*** Dataset excerpts Section Begins ***

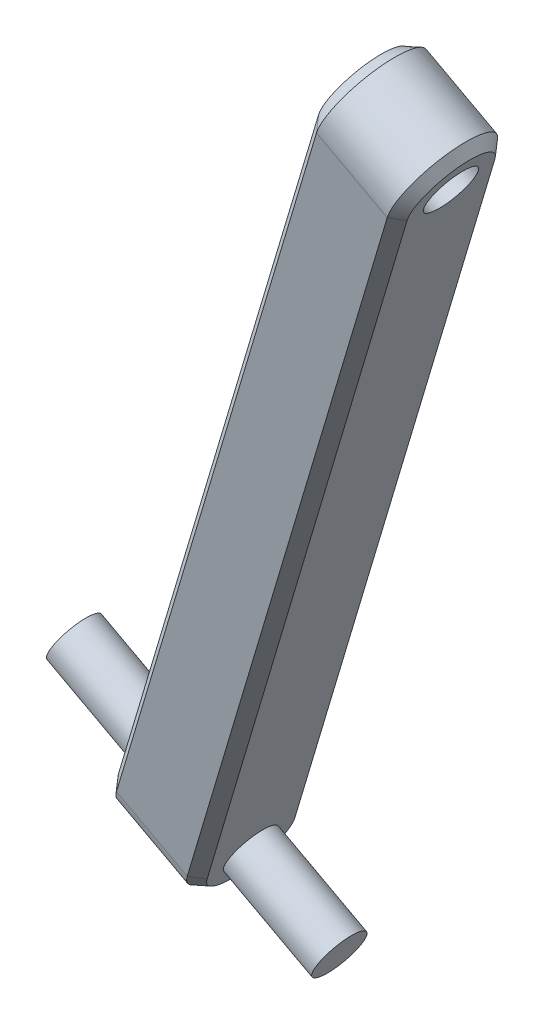
SolidWorks part; units mm, degrees
ref_plane "Front Plane" through (0, 0, 0) normal (0, 0, 1) x (1, 0, 0)
ref_plane "Top Plane" through (0, 0, 0) normal (0, 1, 0) x (1, 0, 0)
ref_plane "Right Plane" through (0, 0, 0) normal (1, 0, 0) x (0, 0, -1)
ref_plane "Plane4" through (14.0293, -7.5365, 0) normal (0.8809, -0.4732, 0) x (0.4732, 0.8809, 0)
sketch "Sketch1" plane through (14.0293, -7.5365, 0) normal (0.8809, -0.4732, 0) x (0.4732, 0.8809, 0)
  line L0 (-90.3906, -267.7386) -> (-32.9195, -250.5028)
  line L1 (-34.3559, -245.7136) -> (-91.827, -262.9493)
  arc A0 (-91.827, -262.9493) -> (-90.3906, -267.7386) centre (-91.1088, -265.344) ccw
  arc A1 (-32.9195, -250.5028) -> (-34.3559, -245.7136) centre (-33.6377, -248.1082) ccw
extrude "Boss-Extrude1" add sketch "Sketch1" against normal blind 5
ref_plane "Plane5" through (0, 0, -265.344) normal (0, 0, 1) x (1, 0, 0)
sketch "Sketch2" plane through (0, 0, -265.344) normal (0, 0, 1) x (1, 0, 0)
  line L0 (-37.3045, -81.964) -> (-37.896, -83.0651)
  line L1 (-37.896, -83.0651) -> (-33.4913, -85.4313)
  line L2 (-33.4913, -85.4313) -> (-32.8998, -84.3302)
  line L3 (-32.8998, -84.3302) -> (-37.3045, -81.964)
  line L4 (-36.9096, -83.5951) -> (-34.4778, -84.9014) construction
revolve "Revolve1" add sketch "Sketch2" angle 360 about L4
sketch "Sketch3" plane through (0, 0, -265.344) normal (0, 0, 1) x (1, 0, 0)
  line L0 (-28.4951, -86.6963) -> (-29.0866, -87.7975)
  line L1 (-29.0866, -87.7975) -> (-24.682, -90.1637)
  line L2 (-24.682, -90.1637) -> (-24.0904, -89.0625)
  line L3 (-24.0904, -89.0625) -> (-28.4951, -86.6963)
  line L4 (-28.1002, -88.3274) -> (-25.6684, -89.6338) construction
revolve "Revolve2" add sketch "Sketch3" angle 360 about L4
hole_wizard "Ø2.5 (2.5) Diameter Hole1" positions "Sketch5" profile "Sketch4" hole size "Ø2.5" standard "ANSI Metric"
sketch "Sketch5" plane through (9.6247, -5.1703, 0) normal (-0.8809, 0.4732, 0) x (0, 0, 1)
  point P0 (-248.1082, -33.6377)
sketch "Sketch4" plane through (-6.2939, -34.803, -248.1082) normal (0, 0, 1) x (-0.4732, -0.8809, 0)
  line L0 (0, 0) -> (0, 31.6423)
  line L1 (0, 31.6423) -> (1.25, 31.6423)
  line L2 (1.25, 31.6423) -> (1.25, 0)
  line L5 (1.25, 0) -> (0, 0)
  line L11 (0, -6.35) -> (0, 107.95) construction
  dimension "通孔孔直径" = 2.5
  dimension "通孔孔深度" = 31.6423
chamfer "Chamfer1" distance 0.5 angle 45 8 edges at (-0.756, -35.0597, -247.39) (-15.1481, -61.8507, -259.1207) (-15.8278, -63.116, -254.3314) (-30.2199, -89.907, -266.0621) (-19.5528, -59.4845, -259.1207) (-34.6245, -87.5408, -266.0621) (-5.1607, -32.6935, -247.39) (-20.2325, -60.7498, -254.3314)

*** Dataset excerpts Section Ends ***

● What the task requires
With the pictures removed, return the data above word for word.

● Response area
SolidWorks part; units mm, degrees
ref_plane "Front Plane" through (0, 0, 0) normal (0, 0, 1) x (1, 0, 0)
ref_plane "Top Plane" through (0, 0, 0) normal (0, 1, 0) x (1, 0, 0)
ref_plane "Right Plane" through (0, 0, 0) normal (1, 0, 0) x (0, 0, -1)
ref_plane "Plane4" through (14.0293, -7.5365, 0) normal (0.8809, -0.4732, 0) x (0.4732, 0.8809, 0)
sketch "Sketch1" plane through (14.0293, -7.5365, 0) normal (0.8809, -0.4732, 0) x (0.4732, 0.8809, 0)
  line L0 (-90.3906, -267.7386) -> (-32.9195, -250.5028)
  line L1 (-34.3559, -245.7136) -> (-91.827, -262.9493)
  arc A0 (-91.827, -262.9493) -> (-90.3906, -267.7386) centre (-91.1088, -265.344) ccw
  arc A1 (-32.9195, -250.5028) -> (-34.3559, -245.7136) centre (-33.6377, -248.1082) ccw
extrude "Boss-Extrude1" add sketch "Sketch1" against normal blind 5
ref_plane "Plane5" through (0, 0, -265.344) normal (0, 0, 1) x (1, 0, 0)
sketch "Sketch2" plane through (0, 0, -265.344) normal (0, 0, 1) x (1, 0, 0)
  line L0 (-37.3045, -81.964) -> (-37.896, -83.0651)
  line L1 (-37.896, -83.0651) -> (-33.4913, -85.4313)
  line L2 (-33.4913, -85.4313) -> (-32.8998, -84.3302)
  line L3 (-32.8998, -84.3302) -> (-37.3045, -81.964)
  line L4 (-36.9096, -83.5951) -> (-34.4778, -84.9014) construction
revolve "Revolve1" add sketch "Sketch2" angle 360 about L4
sketch "Sketch3" plane through (0, 0, -265.344) normal (0, 0, 1) x (1, 0, 0)
  line L0 (-28.4951, -86.6963) -> (-29.0866, -87.7975)
  line L1 (-29.0866, -87.7975) -> (-24.682, -90.1637)
  line L2 (-24.682, -90.1637) -> (-24.0904, -89.0625)
  line L3 (-24.0904, -89.0625) -> (-28.4951, -86.6963)
  line L4 (-28.1002, -88.3274) -> (-25.6684, -89.6338) construction
revolve "Revolve2" add sketch "Sketch3" angle 360 about L4
hole_wizard "Ø2.5 (2.5) Diameter Hole1" positions "Sketch5" profile "Sketch4" hole size "Ø2.5" standard "ANSI Metric"
sketch "Sketch5" plane through (9.6247, -5.1703, 0) normal (-0.8809, 0.4732, 0) x (0, 0, 1)
  point P0 (-248.1082, -33.6377)
sketch "Sketch4" plane through (-6.2939, -34.803, -248.1082) normal (0, 0, 1) x (-0.4732, -0.8809, 0)
  line L0 (0, 0) -> (0, 31.6423)
  line L1 (0, 31.6423) -> (1.25, 31.6423)
  line L2 (1.25, 31.6423) -> (1.25, 0)
  line L5 (1.25, 0) -> (0, 0)
  line L11 (0, -6.35) -> (0, 107.95) construction
  dimension "通孔孔直径" = 2.5
  dimension "通孔孔深度" = 31.6423
chamfer "Chamfer1" distance 0.5 angle 45 8 edges at (-0.756, -35.0597, -247.39) (-15.1481, -61.8507, -259.1207) (-15.8278, -63.116, -254.3314) (-30.2199, -89.907, -266.0621) (-19.5528, -59.4845, -259.1207) (-34.6245, -87.5408, -266.0621) (-5.1607, -32.6935, -247.39) (-20.2325, -60.7498, -254.3314)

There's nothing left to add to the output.